● **Aim of the task**
Once every line containing "project" has been counted, report the total for the data and nothing else.

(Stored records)
────────────────────────────────────────

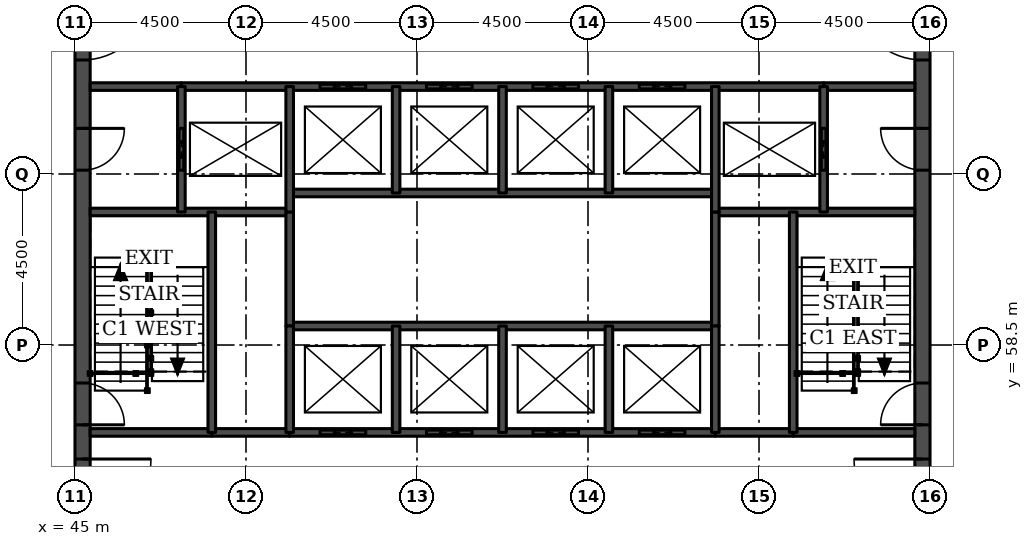
"""IFC4 building model, lengths in metres.
Left out: names, types, materials, properties, quantities, classifications, styles, units other than length and angle.
Written with IfcOpenShell. Run it as: python <this file> out.ifc"""

import sys

from ifc_helpers import new_model, si_unit, direction, frame, frame_2d, origin, place, context, subcontext, project, spatial, rectangle, extrude, element, fill, save


model = new_model("IFC4")
c1 = context("Model", 3, precision=1e-05, world=origin(), true_north=direction((0.0, 1.0)))
c2 = subcontext(c1, "Body", "Model", "MODEL_VIEW")
j1 = project(units=[si_unit("LENGTHUNIT", "METRE"), si_unit("PLANEANGLEUNIT", "RADIAN")], contexts=[c1])
p1 = place(None, origin())
s1 = spatial("IfcSite", under=j1, at=p1, CompositionType="ELEMENT")
p2 = place(p1, origin())
s2 = spatial("IfcBuilding", under=s1, at=p2, CompositionType="ELEMENT")
p3 = place(p2, frame((0.0, 0.0, 211.9)))
s3 = spatial("IfcBuildingStorey", under=s2, at=p3, CompositionType="ELEMENT", Elevation=211.9)
p4 = place(p3, frame((45.2, 49.5, 0.0), z_axis=(0.0, 0.0, 1.0), x_axis=(0.0, 1.0, 0.0)))
e1 = element("IfcWall", 1, at=p4, inside=s3, PredefinedType="SHEAR", context=c2, shape_type="SweptSolid", body=[
    extrude(rectangle(XDim=22.5, YDim=0.4, at=frame_2d((11.25, 0.0))), origin(), (0.0, 0.0, 1.0), 3.7),
])
p5 = place(p4, frame((4.2, 0.0, 0.0)))
e2 = element("IfcOpeningElement", 2, at=p5, cuts=e1, PredefinedType="OPENING", context=c2, shape_type="SweptSolid", body=[
    extrude(rectangle(XDim=1.8, YDim=2.1, at=frame_2d((0.9, 1.05))), frame((0.0, 0.21, 0.0), z_axis=(0.0, -1.0, 0.0), x_axis=(1.0, 0.0, 0.0)), (0.0, 0.0, 1.0), 0.42),
])
p6 = place(p4, frame((6.9, 0.0, 0.0)))
e3 = element("IfcOpeningElement", 3, at=p6, cuts=e1, PredefinedType="OPENING", context=c2, shape_type="SweptSolid", body=[
    extrude(rectangle(XDim=1.1, YDim=2.1, at=frame_2d((0.55, 1.05))), frame((0.0, 0.21, 0.0), z_axis=(0.0, -1.0, 0.0), x_axis=(1.0, 0.0, 0.0)), (0.0, 0.0, 1.0), 0.42),
])
p7 = place(p4, frame((13.6, 0.0, 0.0)))
e4 = element("IfcOpeningElement", 4, at=p7, cuts=e1, PredefinedType="OPENING", context=c2, shape_type="SweptSolid", body=[
    extrude(rectangle(XDim=1.1, YDim=2.1, at=frame_2d((0.55, 1.05))), frame((0.0, 0.21, 0.0), z_axis=(0.0, -1.0, 0.0), x_axis=(1.0, 0.0, 0.0)), (0.0, 0.0, 1.0), 0.42),
])
p8 = place(p4, frame((16.5, 0.0, 0.0)))
e5 = element("IfcOpeningElement", 5, at=p8, cuts=e1, PredefinedType="OPENING", context=c2, shape_type="SweptSolid", body=[
    extrude(rectangle(XDim=1.8, YDim=2.1, at=frame_2d((0.9, 1.05))), frame((0.0, 0.21, 0.0), z_axis=(0.0, -1.0, 0.0), x_axis=(1.0, 0.0, 0.0)), (0.0, 0.0, 1.0), 0.42),
])
p9 = place(p3, frame((67.3, 49.5, 0.0), z_axis=(0.0, 0.0, 1.0), x_axis=(0.0, 1.0, 0.0)))
e6 = element("IfcWall", 6, at=p9, inside=s3, PredefinedType="SHEAR", context=c2, shape_type="SweptSolid", body=[
    extrude(rectangle(XDim=22.5, YDim=0.4, at=frame_2d((11.25, 0.0))), origin(), (0.0, 0.0, 1.0), 3.7),
])
p10 = place(p9, frame((4.2, 0.0, 0.0)))
e7 = element("IfcOpeningElement", 7, at=p10, cuts=e6, PredefinedType="OPENING", context=c2, shape_type="SweptSolid", body=[
    extrude(rectangle(XDim=1.8, YDim=2.1, at=frame_2d((0.9, 1.05))), frame((0.0, 0.21, 0.0), z_axis=(0.0, -1.0, 0.0), x_axis=(1.0, 0.0, 0.0)), (0.0, 0.0, 1.0), 0.42),
])
p11 = place(p9, frame((6.9, 0.0, 0.0)))
e8 = element("IfcOpeningElement", 8, at=p11, cuts=e6, PredefinedType="OPENING", context=c2, shape_type="SweptSolid", body=[
    extrude(rectangle(XDim=1.1, YDim=2.1, at=frame_2d((0.55, 1.05))), frame((0.0, 0.21, 0.0), z_axis=(0.0, -1.0, 0.0), x_axis=(1.0, 0.0, 0.0)), (0.0, 0.0, 1.0), 0.42),
])
p12 = place(p9, frame((13.6, 0.0, 0.0)))
e9 = element("IfcOpeningElement", 9, at=p12, cuts=e6, PredefinedType="OPENING", context=c2, shape_type="SweptSolid", body=[
    extrude(rectangle(XDim=1.1, YDim=2.1, at=frame_2d((0.55, 1.05))), frame((0.0, 0.21, 0.0), z_axis=(0.0, -1.0, 0.0), x_axis=(1.0, 0.0, 0.0)), (0.0, 0.0, 1.0), 0.42),
])
p13 = place(p9, frame((16.5, 0.0, 0.0)))
e10 = element("IfcOpeningElement", 10, at=p13, cuts=e6, PredefinedType="OPENING", context=c2, shape_type="SweptSolid", body=[
    extrude(rectangle(XDim=1.8, YDim=2.1, at=frame_2d((0.9, 1.05))), frame((0.0, 0.21, 0.0), z_axis=(0.0, -1.0, 0.0), x_axis=(1.0, 0.0, 0.0)), (0.0, 0.0, 1.0), 0.42),
])
for number, where, z_axis, x_axis in (
    (11, (48.6, 56.2, 0.0), (0.0, 0.0, 1.0), (1.0, 0.0, 0.0)),
    (12, (61.85, 56.2, 0.0), (0.0, 0.0, 1.0), (1.0, 0.0, 0.0)),
):
    element("IfcWall", number, at=place(p3, frame(where, z_axis=z_axis, x_axis=x_axis)), inside=s3, PredefinedType="SOLIDWALL", context=c2, shape_type="SweptSolid", body=[
        extrude(rectangle(XDim=2.05, YDim=0.2, at=frame_2d((1.025, 0.0))), origin(), (0.0, 0.0, 1.0), 3.55),
    ])
p14 = place(p3, frame((45.4, 56.2, 0.0), z_axis=(0.0, 0.0, 1.0), x_axis=(1.0, 0.0, 0.0)))
e13 = element("IfcWall", 13, at=p14, inside=s3, PredefinedType="SOLIDWALL", context=c2, shape_type="SweptSolid", body=[
    extrude(rectangle(XDim=3.2, YDim=0.2, at=frame_2d((1.6, 0.0))), origin(), (0.0, 0.0, 1.0), 3.55),
])
p15 = place(p3, frame((50.65, 56.2, 0.0), z_axis=(0.0, 0.0, 1.0), x_axis=(1.0, 0.0, 0.0)))
e14 = element("IfcWall", 14, at=p15, inside=s3, PredefinedType="SOLIDWALL", context=c2, shape_type="SweptSolid", body=[
    extrude(rectangle(XDim=11.2, YDim=0.2, at=frame_2d((5.6, 0.0))), origin(), (0.0, 0.0, 1.0), 3.55),
])
p16 = place(p15, frame((0.8, 0.0, 0.0)))
e15 = element("IfcOpeningElement", 15, at=p16, cuts=e14, PredefinedType="OPENING", context=c2, shape_type="SweptSolid", body=[
    extrude(rectangle(XDim=1.2, YDim=2.1, at=frame_2d((0.6, 1.05))), frame((0.0, 0.11, 0.0), z_axis=(0.0, -1.0, 0.0), x_axis=(1.0, 0.0, 0.0)), (0.0, 0.0, 1.0), 0.22),
])
p17 = place(p15, frame((3.6, 0.0, 0.0)))
e16 = element("IfcOpeningElement", 16, at=p17, cuts=e14, PredefinedType="OPENING", context=c2, shape_type="SweptSolid", body=[
    extrude(rectangle(XDim=1.2, YDim=2.1, at=frame_2d((0.6, 1.05))), frame((0.0, 0.11, 0.0), z_axis=(0.0, -1.0, 0.0), x_axis=(1.0, 0.0, 0.0)), (0.0, 0.0, 1.0), 0.22),
])
p18 = place(p15, frame((6.4, 0.0, 0.0)))
e17 = element("IfcOpeningElement", 17, at=p18, cuts=e14, PredefinedType="OPENING", context=c2, shape_type="SweptSolid", body=[
    extrude(rectangle(XDim=1.2, YDim=2.1, at=frame_2d((0.6, 1.05))), frame((0.0, 0.11, 0.0), z_axis=(0.0, -1.0, 0.0), x_axis=(1.0, 0.0, 0.0)), (0.0, 0.0, 1.0), 0.22),
])
p19 = place(p15, frame((9.2, 0.0, 0.0)))
e18 = element("IfcOpeningElement", 18, at=p19, cuts=e14, PredefinedType="OPENING", context=c2, shape_type="SweptSolid", body=[
    extrude(rectangle(XDim=1.2, YDim=2.1, at=frame_2d((0.6, 1.05))), frame((0.0, 0.11, 0.0), z_axis=(0.0, -1.0, 0.0), x_axis=(1.0, 0.0, 0.0)), (0.0, 0.0, 1.0), 0.22),
])
p20 = place(p3, frame((63.9, 56.2, 0.0), z_axis=(0.0, 0.0, 1.0), x_axis=(1.0, 0.0, 0.0)))
e19 = element("IfcWall", 19, at=p20, inside=s3, PredefinedType="SOLIDWALL", context=c2, shape_type="SweptSolid", body=[
    extrude(rectangle(XDim=3.2, YDim=0.2, at=frame_2d((1.6, 0.0))), origin(), (0.0, 0.0, 1.0), 3.55),
])
p21 = place(p3, frame((50.65, 59.0, 0.0), z_axis=(0.0, 0.0, 1.0), x_axis=(1.0, 0.0, 0.0)))
e20 = element("IfcWall", 20, at=p21, inside=s3, PredefinedType="SOLIDWALL", context=c2, shape_type="SweptSolid", body=[
    extrude(rectangle(XDim=11.2, YDim=0.2, at=frame_2d((5.6, 0.0))), origin(), (0.0, 0.0, 1.0), 3.7),
])
for number, where, z_axis, x_axis in (
    (21, (45.4, 62.0, 0.0), (0.0, 0.0, 1.0), (1.0, 0.0, 0.0)),
    (22, (61.85, 62.0, 0.0), (0.0, 0.0, 1.0), (1.0, 0.0, 0.0)),
):
    element("IfcWall", number, at=place(p3, frame(where, z_axis=z_axis, x_axis=x_axis)), inside=s3, PredefinedType="SOLIDWALL", context=c2, shape_type="SweptSolid", body=[
        extrude(rectangle(XDim=5.25, YDim=0.2, at=frame_2d((2.625, 0.0))), origin(), (0.0, 0.0, 1.0), 3.55),
    ])
p22 = place(p3, frame((50.65, 62.5, 0.0), z_axis=(0.0, 0.0, 1.0), x_axis=(1.0, 0.0, 0.0)))
e23 = element("IfcWall", 23, at=p22, inside=s3, PredefinedType="SOLIDWALL", context=c2, shape_type="SweptSolid", body=[
    extrude(rectangle(XDim=11.2, YDim=0.2, at=frame_2d((5.6, 0.0))), origin(), (0.0, 0.0, 1.0), 3.7),
])
for number, where, z_axis, x_axis in (
    (24, (45.4, 65.3, 0.0), (0.0, 0.0, 1.0), (1.0, 0.0, 0.0)),
    (25, (64.7, 65.3, 0.0), (0.0, 0.0, 1.0), (1.0, 0.0, 0.0)),
):
    element("IfcWall", number, at=place(p3, frame(where, z_axis=z_axis, x_axis=x_axis)), inside=s3, PredefinedType="SOLIDWALL", context=c2, shape_type="SweptSolid", body=[
        extrude(rectangle(XDim=2.4, YDim=0.2, at=frame_2d((1.2, 0.0))), origin(), (0.0, 0.0, 1.0), 3.55),
    ])
p23 = place(p3, frame((47.8, 65.3, 0.0), z_axis=(0.0, 0.0, 1.0), x_axis=(1.0, 0.0, 0.0)))
e26 = element("IfcWall", 26, at=p23, inside=s3, PredefinedType="SOLIDWALL", context=c2, shape_type="SweptSolid", body=[
    extrude(rectangle(XDim=16.9, YDim=0.2, at=frame_2d((8.45, 0.0))), origin(), (0.0, 0.0, 1.0), 3.55),
])
p24 = place(p23, frame((3.65, 0.0, 0.0)))
e27 = element("IfcOpeningElement", 27, at=p24, cuts=e26, PredefinedType="OPENING", context=c2, shape_type="SweptSolid", body=[
    extrude(rectangle(XDim=1.2, YDim=2.1, at=frame_2d((0.6, 1.05))), frame((0.0, 0.11, 0.0), z_axis=(0.0, -1.0, 0.0), x_axis=(1.0, 0.0, 0.0)), (0.0, 0.0, 1.0), 0.22),
])
p25 = place(p23, frame((6.45, 0.0, 0.0)))
e28 = element("IfcOpeningElement", 28, at=p25, cuts=e26, PredefinedType="OPENING", context=c2, shape_type="SweptSolid", body=[
    extrude(rectangle(XDim=1.2, YDim=2.1, at=frame_2d((0.6, 1.05))), frame((0.0, 0.11, 0.0), z_axis=(0.0, -1.0, 0.0), x_axis=(1.0, 0.0, 0.0)), (0.0, 0.0, 1.0), 0.22),
])
p26 = place(p23, frame((9.25, 0.0, 0.0)))
e29 = element("IfcOpeningElement", 29, at=p26, cuts=e26, PredefinedType="OPENING", context=c2, shape_type="SweptSolid", body=[
    extrude(rectangle(XDim=1.2, YDim=2.1, at=frame_2d((0.6, 1.05))), frame((0.0, 0.11, 0.0), z_axis=(0.0, -1.0, 0.0), x_axis=(1.0, 0.0, 0.0)), (0.0, 0.0, 1.0), 0.22),
])
p27 = place(p23, frame((12.05, 0.0, 0.0)))
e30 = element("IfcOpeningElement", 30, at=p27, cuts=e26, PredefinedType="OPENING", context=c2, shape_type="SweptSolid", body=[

────────────────────────────────────────

● **Solved exercise**
2